--- WORK TASK ---
Your task is to copy every line of the entries that holds the word "project".

**** THE DATA ****

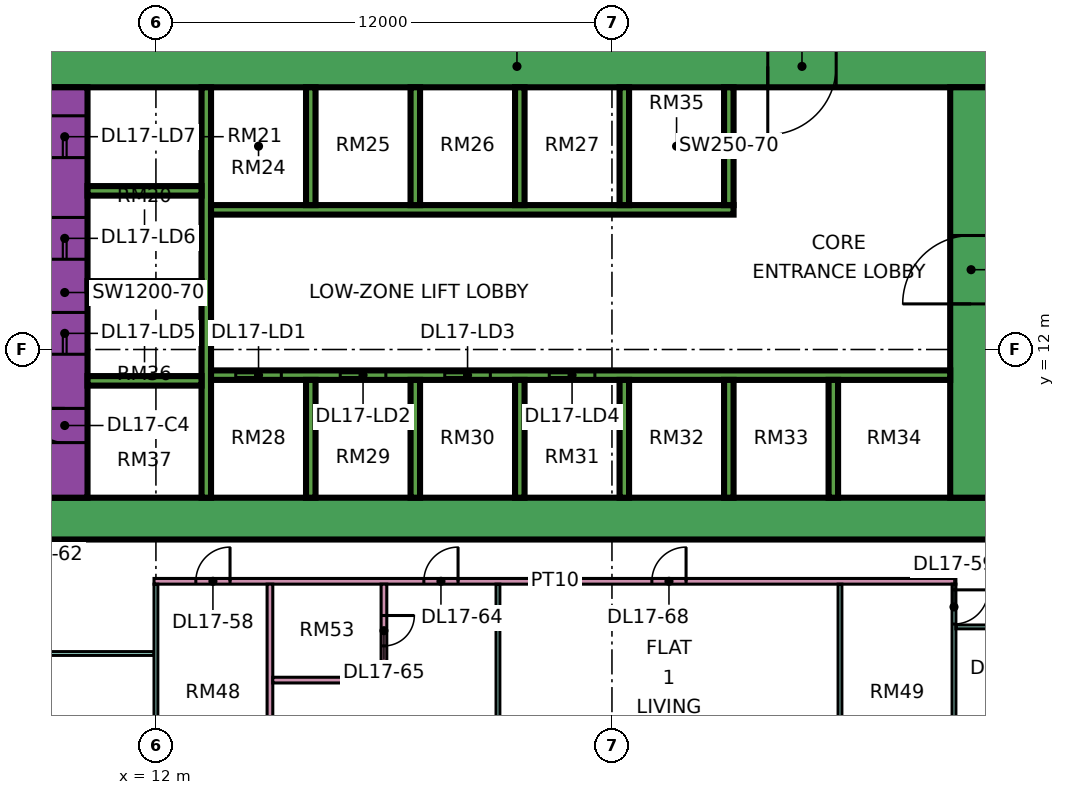
"""IFC4 building model, lengths in metres.
Left out: names, types, materials, properties, quantities, classifications, styles, units other than length and angle.
Written with IfcOpenShell. Run it as: python <this file> out.ifc"""

import sys

from ifc_helpers import new_model, si_unit, direction, frame, frame_2d, origin, place, context, subcontext, project, spatial, rectangle, extrude, element, fill, save


model = new_model("IFC4")
c1 = context("Model", 3, precision=1e-05, world=origin(), true_north=direction((0.0, 1.0)))
c2 = subcontext(c1, "Body", "Model", "MODEL_VIEW")
j1 = project(units=[si_unit("LENGTHUNIT", "METRE"), si_unit("PLANEANGLEUNIT", "RADIAN")], contexts=[c1])
p1 = place(None, origin())
s1 = spatial("IfcSite", under=j1, at=p1, CompositionType="ELEMENT")
p2 = place(p1, origin())
s2 = spatial("IfcBuilding", under=s1, at=p2, CompositionType="ELEMENT")
p3 = place(p2, frame((0.0, 0.0, 78.9)))
s3 = spatial("IfcBuildingStorey", under=s2, at=p3, CompositionType="ELEMENT", Elevation=78.9)
p4 = place(p3, frame((9.0, 7.55, 0.0), z_axis=(0.0, 0.0, 1.0), x_axis=(1.0, 0.0, 0.0)))
e1 = element("IfcWall", 1, at=p4, inside=s3, PredefinedType="SHEAR", context=c2, shape_type="SweptSolid", body=[
    extrude(rectangle(XDim=25.0, YDim=1.1, at=frame_2d((12.5, 0.0))), origin(), (0.0, 0.0, 1.0), 3.75),
])
p5 = place(p3, frame((9.0, 19.45, 0.0), z_axis=(0.0, 0.0, 1.0), x_axis=(1.0, 0.0, 0.0)))
e2 = element("IfcWall", 2, at=p5, inside=s3, PredefinedType="SHEAR", context=c2, shape_type="SweptSolid", body=[
    extrude(rectangle(XDim=25.0, YDim=1.1, at=frame_2d((12.5, 0.0))), origin(), (0.0, 0.0, 1.0), 3.75),
])
p6 = place(p5, frame((19.1, 0.0, 0.0)))
e3 = element("IfcOpeningElement", 3, at=p6, cuts=e2, PredefinedType="OPENING", context=c2, shape_type="SweptSolid", body=[
    extrude(rectangle(XDim=1.8, YDim=2.4, at=frame_2d((0.9, 1.2))), frame((0.0, 0.56, 0.0), z_axis=(0.0, -1.0, 0.0), x_axis=(1.0, 0.0, 0.0)), (0.0, 0.0, 1.0), 1.12),
])
p7 = place(p3, frame((9.6, 8.1, 0.0), z_axis=(0.0, 0.0, 1.0), x_axis=(0.0, 1.0, 0.0)))
e4 = element("IfcWall", 4, at=p7, inside=s3, PredefinedType="SHEAR", context=c2, shape_type="SweptSolid", body=[
    extrude(rectangle(XDim=10.8, YDim=1.2, at=frame_2d((5.4, 0.0))), origin(), (0.0, 0.0, 1.0), 3.75),
])
p8 = place(p7, frame((3.775, 0.0, 0.0)))
e5 = element("IfcOpeningElement", 5, at=p8, cuts=e4, PredefinedType="OPENING", context=c2, shape_type="SweptSolid", body=[
    extrude(rectangle(XDim=1.1, YDim=2.2, at=frame_2d((0.55, 1.1))), frame((0.0, 0.61, 0.0), z_axis=(0.0, -1.0, 0.0), x_axis=(1.0, 0.0, 0.0)), (0.0, 0.0, 1.0), 1.22),
])
p9 = place(p7, frame((6.275, 0.0, 0.0)))
e6 = element("IfcOpeningElement", 6, at=p9, cuts=e4, PredefinedType="OPENING", context=c2, shape_type="SweptSolid", body=[
    extrude(rectangle(XDim=1.1, YDim=2.2, at=frame_2d((0.55, 1.1))), frame((0.0, 0.61, 0.0), z_axis=(0.0, -1.0, 0.0), x_axis=(1.0, 0.0, 0.0)), (0.0, 0.0, 1.0), 1.22),
])
p10 = place(p7, frame((8.95, 0.0, 0.0)))
e7 = element("IfcOpeningElement", 7, at=p10, cuts=e4, PredefinedType="OPENING", context=c2, shape_type="SweptSolid", body=[
    extrude(rectangle(XDim=1.1, YDim=2.2, at=frame_2d((0.55, 1.1))), frame((0.0, 0.61, 0.0), z_axis=(0.0, -1.0, 0.0), x_axis=(1.0, 0.0, 0.0)), (0.0, 0.0, 1.0), 1.22),
])
p11 = place(p7, frame((1.45, 0.0, 0.0)))
e8 = element("IfcOpeningElement", 8, at=p11, cuts=e4, PredefinedType="OPENING", context=c2, shape_type="SweptSolid", body=[
    extrude(rectangle(XDim=0.9, YDim=2.1, at=frame_2d((0.45, 1.05))), frame((0.0, 0.61, 0.0), z_axis=(0.0, -1.0, 0.0), x_axis=(1.0, 0.0, 0.0)), (0.0, 0.0, 1.0), 1.22),
])
p12 = place(p3, frame((33.45, 8.1, 0.0), z_axis=(0.0, 0.0, 1.0), x_axis=(0.0, 1.0, 0.0)))
e9 = element("IfcWall", 9, at=p12, inside=s3, PredefinedType="SHEAR", context=c2, shape_type="SweptSolid", body=[
    extrude(rectangle(XDim=10.8, YDim=1.1, at=frame_2d((5.4, 0.0))), origin(), (0.0, 0.0, 1.0), 3.75),
])
p13 = place(p12, frame((5.1, 0.0, 0.0)))
e10 = element("IfcOpeningElement", 10, at=p13, cuts=e9, PredefinedType="OPENING", context=c2, shape_type="SweptSolid", body=[
    extrude(rectangle(XDim=1.8, YDim=2.4, at=frame_2d((0.9, 1.2))), frame((0.0, 0.56, 0.0), z_axis=(0.0, -1.0, 0.0), x_axis=(1.0, 0.0, 0.0)), (0.0, 0.0, 1.0), 1.12),
])
p14 = place(p3, frame((13.325, 8.1, 0.0), z_axis=(0.0, 0.0, 1.0), x_axis=(0.0, 1.0, 0.0)))
e11 = element("IfcWall", 11, at=p14, inside=s3, PredefinedType="SHEAR", context=c2, shape_type="SweptSolid", body=[
    extrude(rectangle(XDim=10.8, YDim=0.25, at=frame_2d((5.4, 0.0))), origin(), (0.0, 0.0, 1.0), 3.75),
])
p15 = place(p3, frame((13.45, 11.325, 0.0), z_axis=(0.0, 0.0, 1.0), x_axis=(1.0, 0.0, 0.0)))
e12 = element("IfcWall", 12, at=p15, inside=s3, PredefinedType="SHEAR", context=c2, shape_type="SweptSolid", body=[
    extrude(rectangle(XDim=19.45, YDim=0.25, at=frame_2d((9.725, 0.0))), origin(), (0.0, 0.0, 1.0), 3.75),
])
p16 = place(p15, frame((0.65, 0.0, 0.0)))
e13 = element("IfcOpeningElement", 13, at=p16, cuts=e12, PredefinedType="OPENING", context=c2, shape_type="SweptSolid", body=[
    extrude(rectangle(XDim=1.2, YDim=2.2, at=frame_2d((0.6, 1.1))), frame((0.0, 0.135, 0.0), z_axis=(0.0, -1.0, 0.0), x_axis=(1.0, 0.0, 0.0)), (0.0, 0.0, 1.0), 0.27),
])
p17 = place(p15, frame((3.4, 0.0, 0.0)))
e14 = element("IfcOpeningElement", 14, at=p17, cuts=e12, PredefinedType="OPENING", context=c2, shape_type="SweptSolid", body=[
    extrude(rectangle(XDim=1.2, YDim=2.2, at=frame_2d((0.6, 1.1))), frame((0.0, 0.135, 0.0), z_axis=(0.0, -1.0, 0.0), x_axis=(1.0, 0.0, 0.0)), (0.0, 0.0, 1.0), 0.27),
])
p18 = place(p15, frame((6.15, 0.0, 0.0)))
e15 = element("IfcOpeningElement", 15, at=p18, cuts=e12, PredefinedType="OPENING", context=c2, shape_type="SweptSolid", body=[
    extrude(rectangle(XDim=1.2, YDim=2.2, at=frame_2d((0.6, 1.1))), frame((0.0, 0.135, 0.0), z_axis=(0.0, -1.0, 0.0), x_axis=(1.0, 0.0, 0.0)), (0.0, 0.0, 1.0), 0.27),
])
p19 = place(p15, frame((8.9, 0.0, 0.0)))
e16 = element("IfcOpeningElement", 16, at=p19, cuts=e12, PredefinedType="OPENING", context=c2, shape_type="SweptSolid", body=[
    extrude(rectangle(XDim=1.2, YDim=2.2, at=frame_2d((0.6, 1.1))), frame((0.0, 0.135, 0.0), z_axis=(0.0, -1.0, 0.0), x_axis=(1.0, 0.0, 0.0)), (0.0, 0.0, 1.0), 0.27),
])
p20 = place(p3, frame((13.45, 15.675, 0.0), z_axis=(0.0, 0.0, 1.0), x_axis=(1.0, 0.0, 0.0)))
e17 = element("IfcWall", 17, at=p20, inside=s3, PredefinedType="SHEAR", context=c2, shape_type="SweptSolid", body=[
    extrude(rectangle(XDim=13.75, YDim=0.25, at=frame_2d((6.875, 0.0))), origin(), (0.0, 0.0, 1.0), 3.75),
])
for number, where, z_axis, x_axis in (
    (18, (10.2, 11.175, 0.0), (0.0, 0.0, 1.0), (1.0, 0.0, 0.0)),
    (19, (10.2, 13.675, 0.0), (0.0, 0.0, 1.0), (1.0, 0.0, 0.0)),
    (20, (10.2, 16.175, 0.0), (0.0, 0.0, 1.0), (1.0, 0.0, 0.0)),
):
    element("IfcWall", number, at=place(p3, frame(where, z_axis=z_axis, x_axis=x_axis)), inside=s3, PredefinedType="SHEAR", context=c2, shape_type="SweptSolid", body=[
        extrude(rectangle(XDim=3.0, YDim=0.25, at=frame_2d((1.5, 0.0))), origin(), (0.0, 0.0, 1.0), 3.75),
    ])
for number, where, z_axis, x_axis in (
    (21, (16.075, 8.1, 0.0), (0.0, 0.0, 1.0), (0.0, 1.0, 0.0)),
    (22, (18.825, 8.1, 0.0), (0.0, 0.0, 1.0), (0.0, 1.0, 0.0)),
    (23, (21.575, 8.1, 0.0), (0.0, 0.0, 1.0), (0.0, 1.0, 0.0)),
    (24, (24.325, 8.1, 0.0), (0.0, 0.0, 1.0), (0.0, 1.0, 0.0)),
    (25, (27.075, 8.1, 0.0), (0.0, 0.0, 1.0), (0.0, 1.0, 0.0)),
    (26, (29.825, 8.1, 0.0), (0.0, 0.0, 1.0), (0.0, 1.0, 0.0)),
    (27, (16.075, 15.8, 0.0), (0.0, 0.0, 1.0), (0.0, 1.0, 0.0)),
    (28, (18.825, 15.8, 0.0), (0.0, 0.0, 1.0), (0.0, 1.0, 0.0)),
    (29, (21.575, 15.8, 0.0), (0.0, 0.0, 1.0), (0.0, 1.0, 0.0)),
    (30, (24.325, 15.8, 0.0), (0.0, 0.0, 1.0), (0.0, 1.0, 0.0)),
    (31, (27.075, 15.8, 0.0), (0.0, 0.0, 1.0), (0.0, 1.0, 0.0)),
):
    element("IfcWall", number, at=place(p3, frame(where, z_axis=z_axis, x_axis=x_axis)), inside=s3, PredefinedType="SHEAR", context=c2, shape_type="SweptSolid", body=[
        extrude(rectangle(XDim=3.1, YDim=0.25, at=frame_2d((1.55, 0.0))), origin(), (0.0, 0.0, 1.0), 3.75),
    ])
p21 = place(p3, frame((-1.447, 12.553, 0.0), z_axis=(0.0, 0.0, 1.0), x_axis=(0.707106781187, -0.707106781187, 0.0)))
e32 = element("IfcWall", 32, at=p21, inside=s3, PredefinedType="SOLIDWALL", context=c2, shape_type="SweptSolid", body=[
    extrude(rectangle(XDim=19.799, YDim=0.15, at=frame_2d((9.899, 0.0))), origin(), (0.0, 0.0, 1.0), 3.35),
])
p22 = place(p21, frame((2.212, 0.0, 0.45)))
e33 = element("IfcOpeningElement", 33, at=p22, cuts=e32, PredefinedType="OPENING", context=c2, shape_type="SweptSolid", body=[
    extrude(rectangle(XDim=3.0, YDim=2.4, at=frame_2d((1.5, 1.2))), frame((0.0, 0.085, 0.0), z_axis=(0.0, -1.0, 0.0), x_axis=(1.0, 0.0, 0.0)), (0.0, 0.0, 1.0), 0.17),
])
p23 = place(p21, frame((10.216, 0.0, 0.45)))
e34 = element("IfcOpeningElement", 34, at=p23, cuts=e32, PredefinedType="OPENING", context=c2, shape_type="SweptSolid", body=[
    extrude(rectangle(XDim=3.0, YDim=2.4, at=frame_2d((1.5, 1.2))), frame((0.0, 0.085, 0.0), z_axis=(0.0, -1.0, 0.0), x_axis=(1.0, 0.0, 0.0)), (0.0, 0.0, 1.0), 0.17),
])
p24 = place(p3, frame((9.05, 4.0, 0.0), z_axis=(0.0, 0.0, 1.0), x_axis=(1.0, 0.0, 0.0)))
e35 = element("IfcWall", 35, at=p24, inside=s3, PredefinedType="PARTITIONING", context=c2, shape_type="SweptSolid", body=[
    extrude(rectangle(XDim=2.9, YDim=0.1, at=frame_2d((1.45, 0.0))), origin(), (0.0, 0.0, 1.0), 3.35),
])
p25 = place(p3, frame((11.95, 5.9, 0.0), z_axis=(0.0, 0.0, 1.0), x_axis=(1.0, 0.0, 0.0)))
e36 = element("IfcWall", 36, at=p25, inside=s3, PredefinedType="PARTITIONING", context=c2, shape_type="SweptSolid", body=[
    extrude(rectangle(XDim=21.1, YDim=0.15, at=frame_2d((10.55, 0.0))), origin(), (0.0, 0.0, 1.0), 3.35),
])
p26 = place(p25, frame((1.1, 0.0, 0.0)))
e37 = element("IfcOpeningElement", 37, at=p26, cuts=e36, PredefinedType="OPENING", context=c2, shape_type="SweptSolid", body=[
    extrude(rectangle(XDim=0.9, YDim=2.1, at=frame_2d((0.45, 1.05))), frame((0.0, 0.085, 0.0), z_axis=(0.0, -1.0, 0.0), x_axis=(1.0, 0.0, 0.0)), (0.0, 0.0, 1.0), 0.17),
])
p27 = place(p25, frame((7.1, 0.0, 0.0)))
e38 = element("IfcOpeningElement", 38, at=p27, cuts=e36, PredefinedType="OPENING", context=c2, shape_type="SweptSolid", body=[
    extrude(rectangle(XDim=0.9, YDim=2.1, at=frame_2d((0.45, 1.05))), frame((0.0, 0.085, 0.0), z_axis=(0.0, -1.0, 0.0), x_axis=(1.0, 0.0, 0.0)), (0.0, 0.0, 1.0), 0.17),
])
p28 = place(p25, frame((13.1, 0.0, 0.0)))
e39 = element("IfcOpeningElement", 39, at=p28, cuts=e36, PredefinedType="OPENING", context=c2, shape_type="SweptSolid", body=[
    extrude(rectangle(XDim=0.9, YDim=2.1, at=frame_2d((0.45, 1.05))), frame((0.0, 0.085, 0.0), z_axis=(0.0, -1.0, 0.0), x_axis=(1.0, 0.0, 0.0)), (0.0, 0.0, 1.0), 0.17),
])
p29 = place(p3, frame((12.0, -0.788, 0.0), z_axis=(0.0, 0.0, 1.0), x_axis=(0.0, 1.0, 0.0)))
e40 = element("IfcWall", 40, at=p29, inside=s3, PredefinedType="PARTITIONING", context=c2, shape_type="SweptSolid", body=[
    extrude(rectangle(XDim=6.613, YDim=0.1, at=frame_2d((3.306, 0.0))), origin(), (0.0, 0.0, 1.0), 3.35),
])
p30 = place(p3, frame((15.0, -1.351, 0.0), z_axis=(0.0, 0.0, 1.0), x_axis=(0.0, 1.0, 0.0)))
e41 = element("IfcWall", 41, at=p30, inside=s3, PredefinedType="PARTITIONING", context=c2, shape_type="SweptSolid", body=[
    extrude(rectangle(XDim=7.176, YDim=0.15, at=frame_2d((3.588, 0.0))), origin(), (0.0, 0.0, 1.0), 3.35),
])
p31 = place(p3, frame((15.075, 3.3, 0.0), z_axis=(0.0, 0.0, 1.0), x_axis=(1.0, 0.0, 0.0)))
e42 = element("IfcWall", 42, at=p31, inside=s3, PredefinedType="PARTITIONING", context=c2, shape_type="SweptSolid", body=[
    extrude(rectangle(XDim=3.0, YDim=0.15, at=frame_2d((1.5, 0.0))), origin(), (0.0, 0.0, 1.0), 3.35),
])
p32 = place(p3, frame((18.0, 3.375, 0.0), z_axis=(0.0, 0.0, 1.0), x_axis=(0.0, 1.0, 0.0)))
e43 = element("IfcWall", 43, at=p32, inside=s3, PredefinedType="PARTITIONING", context=c2, shape_type="SweptSolid", body=[
    extrude(rectangle(XDim=2.45, YDim=0.15, at=frame_2d((1.225, 0.0))), origin(), (0.0, 0.0, 1.0), 3.35),
])
p33 = place(p32, frame((0.825, 0.0, 0.0)))
e44 = element("IfcOpeningElement", 44, at=p33, cuts=e43, PredefinedType="OPENING", context=c2, shape_type="SweptSolid", body=[
    extrude(rectangle(XDim=0.8, YDim=2.1, at=frame_2d((0.4, 1.05))), frame((0.0, 0.085, 0.0), z_axis=(0.0, -1.0, 0.0), x_axis=(1.0, 0.0, 0.0)), (0.0, 0.0, 1.0), 0.17),
])
p34 = place(p3, frame((21.0, -1.35, 0.0), z_axis=(0.0, 0.0, 1.0), x_axis=(0.0, 1.0, 0.0)))
e45 = element("IfcWall", 45, at=p34, inside=s3, PredefinedType="PARTITIONING", context=c2, shape_type="SweptSolid", body=[
    extrude(rectangle(XDim=7.175, YDim=0.1, at=frame_2d((3.587, 0.0))), origin(), (0.0, 0.0, 1.0), 3.35),
])
p35 = place(p3, frame((30.0, 0.074, 0.0), z_axis=(0.0, 0.0, 1.0), x_axis=(0.0, 1.0, 0.0)))
e46 = element("IfcWall", 46, at=p35, inside=s3, PredefinedType="PARTITIONING", context=c2, shape_type="SweptSolid", body=[
    extrude(rectangle(XDim=5.751, YDim=0.1, at=frame_2d((2.875, 0.0))), origin(), (0.0, 0.0, 1.0), 3.35),
])
p36 = place(p3, frame((33.0, 0.074, 0.0), z_axis=(0.0, 0.0, 1.0), x_axis=(0.0, 1.0, 0.0)))
e47 = element("IfcWall", 47, at=p36, inside=s3, PredefinedType="PARTITIONING", context=c2, shape_type="SweptSolid", body=[
    extrude(rectangle(XDim=5.751, YDim=0.1, at=frame_2d((2.875, 0.0))), origin(), (0.0, 0.0, 1.0), 3.35),
])
p37 = place(p36, frame((4.701, 0.0, 0.0)))
e48 = element("IfcOpeningElement", 48, at=p37, cuts=e47, PredefinedType="OPENING", context=c2, shape_type="SweptSolid", body=[
    extrude(rectangle(XDim=0.9, YDim=2.1, at=frame_2d((0.45, 1.05))), frame((0.0, 0.06, 0.0), z_axis=(0.0, -1.0, 0.0), x_axis=(1.0, 0.0, 0.0)), (0.0, 0.0, 1.0), 0.12),
])
p38 = place(p3, frame((33.05, 4.7, 0.0), z_axis=(0.0, 0.0, 1.0), x_axis=(1.0, 0.0, 0.0)))
e49 = element("IfcWall", 49, at=p38, inside=s3, PredefinedType="PARTITIONING", context=c2, shape_type="SweptSolid", body=[
    extrude(rectangle(XDim=14.85, YDim=0.1, at=frame_2d((7.425, 0.0))), origin(), (0.0, 0.0, 1.0), 3.35),
])
p39 = place(p38, frame((1.0, 0.0, 0.0)))
e50 = element("IfcOpeningElement", 50, at=p39, cuts=e49, PredefinedType="OPENING", context=c2, shape_type="SweptSolid", body=[
    extrude(rectangle(XDim=0.9, YDim=2.1, at=frame_2d((0.45, 1.05))), frame((0.0, 0.06, 0.0), z_axis=(0.0, -1.0, 0.0), x_axis=(1.0, 0.0, 0.0)), (0.0, 0.0, 1.0), 0.12),
])
p40 = place(p38, frame((4.0, 0.0, 0.0)))
e51 = element("IfcOpeningElement", 51, at=p40, cuts=e49, PredefinedType="OPENING", context=c2, shape_type="SweptSolid", body=[
    extrude(rectangle(XDim=0.9, YDim=2.1, at=frame_2d((0.45, 1.05))), frame((0.0, 0.06, 0.0), z_axis=(0.0, -1.0, 0.0), x_axis=(1.0, 0.0, 0.0)), (0.0, 0.0, 1.0), 0.12),
])
p41 = place(p38, frame((10.0, 0.0, 0.0)))
e52 = element("IfcOpeningElement", 52, at=p41, cuts=e49, PredefinedType="OPENING", context=c2, shape_type="SweptSolid", body=[
    extrude(rectangle(XDim=0.9, YDim=2.1, at=frame_2d((0.45, 1.05))), frame((0.0, 0.06, 0.0), z_axis=(0.0, -1.0, 0.0), x_axis=(1.0, 0.0, 0.0)), (0.0, 0.0, 1.0), 0.12),
])
p42 = place(p16, origin())
e53 = element("IfcDoor", 53, at=p42, inside=s3, OperationType="DOUBLE_DOOR_SLIDING", PredefinedType="DOOR", context=c2, shape_type="SweptSolid", body=[
    extrude(rectangle(XDim=1.2, YDim=2.2, at=frame_2d((0.6, 1.1))), frame((0.0, 0.025, 0.0), z_axis=(0.0, -1.0, 0.0), x_axis=(1.0, 0.0, 0.0)), (0.0, 0.0, 1.0), 0.05),
])
fill(e13, e53)
p43 = place(p17, origin())
e54 = element("IfcDoor", 54, at=p43, inside=s3, OperationType="DOUBLE_DOOR_SLIDING", PredefinedType="DOOR", context=c2, shape_type="SweptSolid", body=[
    extrude(rectangle(XDim=1.2, YDim=2.2, at=frame_2d((0.6, 1.1))), frame((0.0, 0.025, 0.0), z_axis=(0.0, -1.0, 0.0), x_axis=(1.0, 0.0, 0.0)), (0.0, 0.0, 1.0), 0.05),
])
fill(e14, e54)
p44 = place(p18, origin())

****

--- ANSWER FOR THIS EXERCISE ---
from ifc_helpers import new_model, si_unit, direction, frame, frame_2d, origin, place, context, subcontext, project, spatial, rectangle, extrude, element, fill, save
j1 = project(units=[si_unit("LENGTHUNIT", "METRE"), si_unit("PLANEANGLEUNIT", "RADIAN")], contexts=[c1])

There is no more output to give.